§ What you need to do: What lines of the data below hold the string "units"? Copy each one out.

§ The input:
########

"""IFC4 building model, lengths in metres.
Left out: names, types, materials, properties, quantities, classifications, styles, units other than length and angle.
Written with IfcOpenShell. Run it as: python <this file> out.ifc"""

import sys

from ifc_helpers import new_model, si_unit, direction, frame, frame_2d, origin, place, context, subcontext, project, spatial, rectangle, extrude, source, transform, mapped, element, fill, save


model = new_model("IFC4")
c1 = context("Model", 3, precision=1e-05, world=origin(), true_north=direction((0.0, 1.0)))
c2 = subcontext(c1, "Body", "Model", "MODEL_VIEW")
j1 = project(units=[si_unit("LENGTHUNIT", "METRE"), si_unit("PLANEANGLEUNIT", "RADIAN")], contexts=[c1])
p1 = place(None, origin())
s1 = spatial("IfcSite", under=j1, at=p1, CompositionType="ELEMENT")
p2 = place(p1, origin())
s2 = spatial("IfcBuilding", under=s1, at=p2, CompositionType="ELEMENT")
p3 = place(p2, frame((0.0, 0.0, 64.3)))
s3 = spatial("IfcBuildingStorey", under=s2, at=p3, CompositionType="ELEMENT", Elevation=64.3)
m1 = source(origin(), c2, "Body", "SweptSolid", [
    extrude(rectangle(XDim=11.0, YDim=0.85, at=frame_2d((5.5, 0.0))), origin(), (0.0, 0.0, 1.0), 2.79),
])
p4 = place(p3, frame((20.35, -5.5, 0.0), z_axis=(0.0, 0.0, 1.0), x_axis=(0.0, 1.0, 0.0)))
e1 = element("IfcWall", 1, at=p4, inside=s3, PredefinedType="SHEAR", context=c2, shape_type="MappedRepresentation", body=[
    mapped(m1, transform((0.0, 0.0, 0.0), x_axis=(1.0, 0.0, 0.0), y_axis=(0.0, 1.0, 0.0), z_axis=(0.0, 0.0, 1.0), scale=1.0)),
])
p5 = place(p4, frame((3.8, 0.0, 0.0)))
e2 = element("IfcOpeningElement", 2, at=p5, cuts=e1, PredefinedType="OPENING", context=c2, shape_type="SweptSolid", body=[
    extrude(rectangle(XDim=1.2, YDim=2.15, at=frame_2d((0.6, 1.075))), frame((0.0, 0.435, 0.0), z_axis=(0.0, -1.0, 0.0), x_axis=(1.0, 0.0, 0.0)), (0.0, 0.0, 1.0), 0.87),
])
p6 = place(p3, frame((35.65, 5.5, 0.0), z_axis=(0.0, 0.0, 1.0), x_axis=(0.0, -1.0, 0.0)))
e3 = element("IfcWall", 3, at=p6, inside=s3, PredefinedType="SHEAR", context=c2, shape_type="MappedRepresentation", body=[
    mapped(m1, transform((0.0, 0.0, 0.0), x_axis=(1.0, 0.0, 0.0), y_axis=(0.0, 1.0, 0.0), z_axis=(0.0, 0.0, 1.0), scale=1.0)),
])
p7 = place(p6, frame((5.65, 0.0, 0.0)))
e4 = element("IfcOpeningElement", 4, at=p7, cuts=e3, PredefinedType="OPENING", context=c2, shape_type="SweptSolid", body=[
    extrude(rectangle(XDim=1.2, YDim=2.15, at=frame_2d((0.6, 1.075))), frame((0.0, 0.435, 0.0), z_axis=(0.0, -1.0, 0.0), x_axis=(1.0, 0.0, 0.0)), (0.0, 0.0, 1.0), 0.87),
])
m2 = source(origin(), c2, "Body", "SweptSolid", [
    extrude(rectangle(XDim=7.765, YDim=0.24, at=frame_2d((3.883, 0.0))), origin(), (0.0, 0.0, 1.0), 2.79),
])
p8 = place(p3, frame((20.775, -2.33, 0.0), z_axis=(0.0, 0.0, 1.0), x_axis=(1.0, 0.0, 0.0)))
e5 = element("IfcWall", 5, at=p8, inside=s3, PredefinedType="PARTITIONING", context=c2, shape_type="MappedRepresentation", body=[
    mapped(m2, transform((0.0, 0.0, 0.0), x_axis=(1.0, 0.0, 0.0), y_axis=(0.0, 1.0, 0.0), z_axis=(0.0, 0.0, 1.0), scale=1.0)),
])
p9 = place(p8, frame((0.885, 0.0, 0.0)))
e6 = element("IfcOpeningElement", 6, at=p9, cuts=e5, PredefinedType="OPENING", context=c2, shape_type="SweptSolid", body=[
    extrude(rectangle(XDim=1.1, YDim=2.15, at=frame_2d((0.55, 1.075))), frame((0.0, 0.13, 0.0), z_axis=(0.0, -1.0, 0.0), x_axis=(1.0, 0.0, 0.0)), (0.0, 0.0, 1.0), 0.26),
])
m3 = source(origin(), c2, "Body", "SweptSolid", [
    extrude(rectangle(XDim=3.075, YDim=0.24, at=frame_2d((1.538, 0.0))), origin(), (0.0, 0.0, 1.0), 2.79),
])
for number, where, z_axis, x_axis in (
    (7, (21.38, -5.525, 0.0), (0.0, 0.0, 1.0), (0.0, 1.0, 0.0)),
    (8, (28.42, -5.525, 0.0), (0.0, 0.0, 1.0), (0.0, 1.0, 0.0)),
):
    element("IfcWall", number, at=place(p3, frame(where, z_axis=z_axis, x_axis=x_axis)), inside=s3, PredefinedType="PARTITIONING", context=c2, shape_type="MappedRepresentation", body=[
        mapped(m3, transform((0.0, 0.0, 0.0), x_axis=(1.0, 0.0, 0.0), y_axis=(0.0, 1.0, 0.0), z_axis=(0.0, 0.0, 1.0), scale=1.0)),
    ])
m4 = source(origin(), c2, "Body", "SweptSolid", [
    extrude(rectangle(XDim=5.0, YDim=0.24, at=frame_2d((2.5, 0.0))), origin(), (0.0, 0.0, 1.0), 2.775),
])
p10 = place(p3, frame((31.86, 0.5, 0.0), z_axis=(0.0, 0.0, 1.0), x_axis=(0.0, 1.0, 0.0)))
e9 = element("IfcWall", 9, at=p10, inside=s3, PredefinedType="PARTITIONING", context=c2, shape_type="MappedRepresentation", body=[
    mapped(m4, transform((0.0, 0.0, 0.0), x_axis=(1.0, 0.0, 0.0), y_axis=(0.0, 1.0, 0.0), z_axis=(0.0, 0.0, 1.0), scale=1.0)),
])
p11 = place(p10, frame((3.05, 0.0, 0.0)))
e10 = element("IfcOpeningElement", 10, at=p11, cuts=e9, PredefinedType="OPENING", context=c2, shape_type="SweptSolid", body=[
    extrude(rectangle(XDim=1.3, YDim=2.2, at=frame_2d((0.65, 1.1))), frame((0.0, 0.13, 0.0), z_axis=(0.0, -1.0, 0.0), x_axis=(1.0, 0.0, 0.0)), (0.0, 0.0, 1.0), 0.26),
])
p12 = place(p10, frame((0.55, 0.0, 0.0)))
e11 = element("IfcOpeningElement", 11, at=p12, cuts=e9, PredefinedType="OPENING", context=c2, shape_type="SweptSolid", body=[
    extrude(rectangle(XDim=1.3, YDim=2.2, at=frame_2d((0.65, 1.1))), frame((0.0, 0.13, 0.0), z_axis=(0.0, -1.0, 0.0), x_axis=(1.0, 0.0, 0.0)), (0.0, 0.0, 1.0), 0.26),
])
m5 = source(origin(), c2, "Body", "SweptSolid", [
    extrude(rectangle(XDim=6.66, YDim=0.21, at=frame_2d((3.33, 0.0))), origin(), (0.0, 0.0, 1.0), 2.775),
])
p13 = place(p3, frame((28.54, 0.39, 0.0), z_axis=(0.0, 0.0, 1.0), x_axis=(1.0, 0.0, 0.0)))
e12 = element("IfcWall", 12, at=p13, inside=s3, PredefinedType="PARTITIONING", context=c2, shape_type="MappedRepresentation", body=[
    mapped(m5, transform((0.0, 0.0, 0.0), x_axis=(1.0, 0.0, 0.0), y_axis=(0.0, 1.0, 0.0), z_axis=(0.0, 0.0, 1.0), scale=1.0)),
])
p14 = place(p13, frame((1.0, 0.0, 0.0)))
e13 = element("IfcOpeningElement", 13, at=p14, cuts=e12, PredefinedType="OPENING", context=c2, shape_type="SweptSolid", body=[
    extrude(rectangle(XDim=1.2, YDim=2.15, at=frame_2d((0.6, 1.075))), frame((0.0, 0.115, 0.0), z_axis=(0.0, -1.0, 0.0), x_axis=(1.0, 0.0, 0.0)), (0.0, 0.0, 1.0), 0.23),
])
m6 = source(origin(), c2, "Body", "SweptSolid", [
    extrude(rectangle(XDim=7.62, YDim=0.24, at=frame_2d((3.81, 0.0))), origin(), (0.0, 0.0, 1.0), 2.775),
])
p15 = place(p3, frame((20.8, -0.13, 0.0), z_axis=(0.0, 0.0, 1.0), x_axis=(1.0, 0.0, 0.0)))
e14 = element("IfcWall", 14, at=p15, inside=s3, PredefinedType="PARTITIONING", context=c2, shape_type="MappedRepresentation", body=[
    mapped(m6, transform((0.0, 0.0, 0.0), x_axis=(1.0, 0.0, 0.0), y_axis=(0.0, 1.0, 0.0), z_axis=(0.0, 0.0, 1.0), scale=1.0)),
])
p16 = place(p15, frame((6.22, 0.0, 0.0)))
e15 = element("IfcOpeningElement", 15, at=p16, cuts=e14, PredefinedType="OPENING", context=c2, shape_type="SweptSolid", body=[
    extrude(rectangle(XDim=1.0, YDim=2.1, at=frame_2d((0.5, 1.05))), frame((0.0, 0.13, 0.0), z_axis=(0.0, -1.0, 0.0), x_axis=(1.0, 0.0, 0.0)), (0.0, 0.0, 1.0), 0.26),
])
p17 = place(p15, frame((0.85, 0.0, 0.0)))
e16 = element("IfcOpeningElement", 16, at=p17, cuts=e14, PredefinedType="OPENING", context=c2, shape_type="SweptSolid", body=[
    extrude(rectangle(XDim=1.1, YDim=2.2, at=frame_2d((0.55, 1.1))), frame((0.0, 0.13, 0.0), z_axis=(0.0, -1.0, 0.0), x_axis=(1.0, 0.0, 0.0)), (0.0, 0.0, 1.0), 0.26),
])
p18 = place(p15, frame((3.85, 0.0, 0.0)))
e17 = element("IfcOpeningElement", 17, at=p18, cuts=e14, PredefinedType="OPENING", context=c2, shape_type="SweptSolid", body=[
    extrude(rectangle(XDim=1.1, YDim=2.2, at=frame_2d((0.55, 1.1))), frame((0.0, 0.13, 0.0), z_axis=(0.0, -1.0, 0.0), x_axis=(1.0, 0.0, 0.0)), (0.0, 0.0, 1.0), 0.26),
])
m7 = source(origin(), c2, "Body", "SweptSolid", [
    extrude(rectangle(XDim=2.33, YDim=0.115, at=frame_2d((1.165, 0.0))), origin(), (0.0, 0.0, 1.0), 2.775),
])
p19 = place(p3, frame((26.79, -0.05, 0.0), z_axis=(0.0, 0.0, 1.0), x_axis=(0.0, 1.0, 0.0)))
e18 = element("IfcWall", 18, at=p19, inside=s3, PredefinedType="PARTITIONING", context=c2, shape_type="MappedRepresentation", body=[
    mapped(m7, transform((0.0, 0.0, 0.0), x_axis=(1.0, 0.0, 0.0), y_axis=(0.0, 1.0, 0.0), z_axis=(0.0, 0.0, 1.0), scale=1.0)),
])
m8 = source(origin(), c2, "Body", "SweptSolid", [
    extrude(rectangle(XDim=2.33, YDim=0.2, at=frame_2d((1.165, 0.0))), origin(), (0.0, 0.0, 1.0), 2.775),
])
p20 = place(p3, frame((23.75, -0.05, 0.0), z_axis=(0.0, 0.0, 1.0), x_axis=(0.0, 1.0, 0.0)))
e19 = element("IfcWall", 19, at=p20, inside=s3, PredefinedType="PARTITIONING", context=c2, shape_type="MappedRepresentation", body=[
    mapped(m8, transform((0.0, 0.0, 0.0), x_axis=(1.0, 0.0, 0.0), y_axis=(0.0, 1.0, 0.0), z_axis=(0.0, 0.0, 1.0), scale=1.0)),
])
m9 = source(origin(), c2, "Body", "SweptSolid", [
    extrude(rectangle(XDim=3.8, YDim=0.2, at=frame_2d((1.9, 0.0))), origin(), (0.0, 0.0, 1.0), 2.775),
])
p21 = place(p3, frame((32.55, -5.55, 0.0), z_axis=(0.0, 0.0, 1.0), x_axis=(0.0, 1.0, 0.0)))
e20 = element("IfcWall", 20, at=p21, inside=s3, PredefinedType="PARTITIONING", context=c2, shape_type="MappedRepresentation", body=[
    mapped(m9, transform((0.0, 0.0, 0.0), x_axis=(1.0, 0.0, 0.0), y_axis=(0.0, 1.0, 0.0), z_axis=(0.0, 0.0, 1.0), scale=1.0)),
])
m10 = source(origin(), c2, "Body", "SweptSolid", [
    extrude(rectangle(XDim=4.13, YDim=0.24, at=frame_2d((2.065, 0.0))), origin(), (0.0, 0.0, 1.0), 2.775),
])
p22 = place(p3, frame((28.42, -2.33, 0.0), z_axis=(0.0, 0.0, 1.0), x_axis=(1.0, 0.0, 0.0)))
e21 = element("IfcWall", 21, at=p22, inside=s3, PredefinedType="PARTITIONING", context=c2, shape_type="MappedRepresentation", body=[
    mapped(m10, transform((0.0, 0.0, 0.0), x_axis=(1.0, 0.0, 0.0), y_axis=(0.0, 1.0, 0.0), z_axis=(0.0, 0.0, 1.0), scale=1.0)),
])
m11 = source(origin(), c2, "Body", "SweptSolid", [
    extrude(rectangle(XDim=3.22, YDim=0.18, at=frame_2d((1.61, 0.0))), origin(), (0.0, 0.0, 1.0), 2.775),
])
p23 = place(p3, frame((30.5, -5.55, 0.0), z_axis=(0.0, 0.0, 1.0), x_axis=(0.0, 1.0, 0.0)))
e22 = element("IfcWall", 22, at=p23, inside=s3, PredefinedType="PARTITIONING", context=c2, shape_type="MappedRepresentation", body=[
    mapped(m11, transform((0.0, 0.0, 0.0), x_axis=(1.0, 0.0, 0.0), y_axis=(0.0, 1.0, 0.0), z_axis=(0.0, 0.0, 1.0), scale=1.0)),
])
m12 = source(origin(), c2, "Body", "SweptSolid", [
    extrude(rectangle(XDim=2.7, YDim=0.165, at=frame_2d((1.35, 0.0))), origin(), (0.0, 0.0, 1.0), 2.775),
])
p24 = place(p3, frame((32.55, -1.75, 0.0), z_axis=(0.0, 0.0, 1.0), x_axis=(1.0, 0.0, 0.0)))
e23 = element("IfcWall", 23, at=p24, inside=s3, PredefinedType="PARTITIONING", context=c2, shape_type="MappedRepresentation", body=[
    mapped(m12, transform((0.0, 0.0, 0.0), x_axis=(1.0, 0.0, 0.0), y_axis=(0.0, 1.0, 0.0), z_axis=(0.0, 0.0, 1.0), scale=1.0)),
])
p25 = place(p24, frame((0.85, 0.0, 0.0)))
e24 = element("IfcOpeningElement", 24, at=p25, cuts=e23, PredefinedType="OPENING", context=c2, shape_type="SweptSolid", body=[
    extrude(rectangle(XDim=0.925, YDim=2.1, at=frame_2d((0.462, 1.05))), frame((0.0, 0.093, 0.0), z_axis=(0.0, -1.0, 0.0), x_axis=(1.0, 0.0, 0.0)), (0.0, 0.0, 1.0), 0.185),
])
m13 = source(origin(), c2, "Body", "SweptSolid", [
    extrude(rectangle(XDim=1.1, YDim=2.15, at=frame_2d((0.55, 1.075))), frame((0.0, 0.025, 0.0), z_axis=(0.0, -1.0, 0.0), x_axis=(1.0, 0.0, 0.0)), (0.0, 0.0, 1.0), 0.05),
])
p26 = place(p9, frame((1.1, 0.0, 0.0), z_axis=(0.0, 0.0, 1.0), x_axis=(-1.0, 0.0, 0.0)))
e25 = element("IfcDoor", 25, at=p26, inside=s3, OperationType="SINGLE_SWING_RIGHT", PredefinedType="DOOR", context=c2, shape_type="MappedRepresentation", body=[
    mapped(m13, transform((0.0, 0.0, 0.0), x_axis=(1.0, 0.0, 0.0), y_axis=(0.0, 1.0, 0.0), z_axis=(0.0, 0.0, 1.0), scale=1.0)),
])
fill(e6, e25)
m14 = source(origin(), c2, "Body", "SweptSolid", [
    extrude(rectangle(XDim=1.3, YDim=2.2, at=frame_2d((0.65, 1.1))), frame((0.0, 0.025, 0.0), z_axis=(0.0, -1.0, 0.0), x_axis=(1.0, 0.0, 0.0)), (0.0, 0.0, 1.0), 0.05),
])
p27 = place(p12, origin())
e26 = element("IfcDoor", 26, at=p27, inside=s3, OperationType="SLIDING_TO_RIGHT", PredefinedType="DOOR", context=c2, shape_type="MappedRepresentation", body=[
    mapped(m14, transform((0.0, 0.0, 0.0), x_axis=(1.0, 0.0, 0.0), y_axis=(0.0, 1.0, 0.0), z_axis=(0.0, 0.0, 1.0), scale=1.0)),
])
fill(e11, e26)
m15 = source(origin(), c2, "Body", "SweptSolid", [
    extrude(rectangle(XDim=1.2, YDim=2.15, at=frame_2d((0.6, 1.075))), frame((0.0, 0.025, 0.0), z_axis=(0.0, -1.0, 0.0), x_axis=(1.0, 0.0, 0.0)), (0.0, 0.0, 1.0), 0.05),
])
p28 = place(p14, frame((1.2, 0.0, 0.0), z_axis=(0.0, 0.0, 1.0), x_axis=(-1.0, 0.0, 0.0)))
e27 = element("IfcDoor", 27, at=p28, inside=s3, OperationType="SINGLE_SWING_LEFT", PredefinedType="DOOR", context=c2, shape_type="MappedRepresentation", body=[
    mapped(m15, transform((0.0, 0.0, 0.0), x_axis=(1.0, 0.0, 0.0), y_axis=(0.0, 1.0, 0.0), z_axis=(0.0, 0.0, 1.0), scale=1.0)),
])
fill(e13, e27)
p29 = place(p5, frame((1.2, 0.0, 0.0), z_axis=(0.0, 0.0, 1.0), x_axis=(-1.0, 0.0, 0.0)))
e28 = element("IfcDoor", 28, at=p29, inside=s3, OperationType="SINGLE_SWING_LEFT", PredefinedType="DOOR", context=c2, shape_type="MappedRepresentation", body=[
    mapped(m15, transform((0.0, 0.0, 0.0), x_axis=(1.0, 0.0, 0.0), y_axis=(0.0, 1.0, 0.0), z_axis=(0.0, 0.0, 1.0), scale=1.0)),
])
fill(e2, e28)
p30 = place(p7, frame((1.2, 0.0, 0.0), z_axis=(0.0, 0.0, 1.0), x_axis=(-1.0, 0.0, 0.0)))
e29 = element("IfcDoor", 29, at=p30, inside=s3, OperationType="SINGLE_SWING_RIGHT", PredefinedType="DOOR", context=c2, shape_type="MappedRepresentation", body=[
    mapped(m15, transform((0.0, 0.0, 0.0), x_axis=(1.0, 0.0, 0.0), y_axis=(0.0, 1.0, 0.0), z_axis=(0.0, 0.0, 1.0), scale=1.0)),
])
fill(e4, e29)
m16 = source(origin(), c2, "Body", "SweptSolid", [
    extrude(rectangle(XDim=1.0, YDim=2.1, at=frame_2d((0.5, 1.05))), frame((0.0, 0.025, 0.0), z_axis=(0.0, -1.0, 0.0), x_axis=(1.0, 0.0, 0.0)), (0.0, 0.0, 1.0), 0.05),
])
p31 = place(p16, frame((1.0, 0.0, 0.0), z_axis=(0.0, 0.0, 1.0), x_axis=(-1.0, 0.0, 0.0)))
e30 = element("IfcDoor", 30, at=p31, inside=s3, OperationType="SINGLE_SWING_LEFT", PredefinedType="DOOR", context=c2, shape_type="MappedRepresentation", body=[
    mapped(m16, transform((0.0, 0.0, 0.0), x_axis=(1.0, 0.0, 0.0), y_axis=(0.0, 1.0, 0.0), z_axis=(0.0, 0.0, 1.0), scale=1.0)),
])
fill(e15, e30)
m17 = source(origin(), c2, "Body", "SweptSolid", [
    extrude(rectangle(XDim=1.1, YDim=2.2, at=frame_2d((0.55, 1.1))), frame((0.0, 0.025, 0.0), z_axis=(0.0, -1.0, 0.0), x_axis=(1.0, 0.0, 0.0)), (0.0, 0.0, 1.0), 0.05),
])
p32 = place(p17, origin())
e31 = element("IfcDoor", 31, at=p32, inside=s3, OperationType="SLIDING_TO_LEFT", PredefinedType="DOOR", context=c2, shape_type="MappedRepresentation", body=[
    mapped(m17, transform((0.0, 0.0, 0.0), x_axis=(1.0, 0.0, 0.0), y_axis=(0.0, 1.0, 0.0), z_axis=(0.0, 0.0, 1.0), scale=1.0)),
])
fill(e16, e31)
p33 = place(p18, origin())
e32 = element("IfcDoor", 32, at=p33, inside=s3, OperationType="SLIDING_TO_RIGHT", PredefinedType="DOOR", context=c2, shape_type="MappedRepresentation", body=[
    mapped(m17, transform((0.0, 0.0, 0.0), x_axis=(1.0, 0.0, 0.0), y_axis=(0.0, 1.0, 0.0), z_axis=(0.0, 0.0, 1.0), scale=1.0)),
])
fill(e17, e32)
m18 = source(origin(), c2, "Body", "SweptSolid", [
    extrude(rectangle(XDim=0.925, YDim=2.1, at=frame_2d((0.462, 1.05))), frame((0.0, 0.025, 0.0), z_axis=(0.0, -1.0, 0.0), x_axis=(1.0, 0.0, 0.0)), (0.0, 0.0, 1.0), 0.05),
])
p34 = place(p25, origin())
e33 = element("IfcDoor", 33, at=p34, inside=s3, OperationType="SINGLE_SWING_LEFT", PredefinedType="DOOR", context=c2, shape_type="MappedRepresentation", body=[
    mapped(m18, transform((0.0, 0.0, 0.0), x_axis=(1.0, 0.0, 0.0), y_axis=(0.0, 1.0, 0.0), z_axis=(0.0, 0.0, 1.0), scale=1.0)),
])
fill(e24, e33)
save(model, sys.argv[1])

########

§ Response for this exercise:
Left out: names, types, materials, properties, quantities, classifications, styles, units other than length and angle.
j1 = project(units=[si_unit("LENGTHUNIT", "METRE"), si_unit("PLANEANGLEUNIT", "RADIAN")], contexts=[c1])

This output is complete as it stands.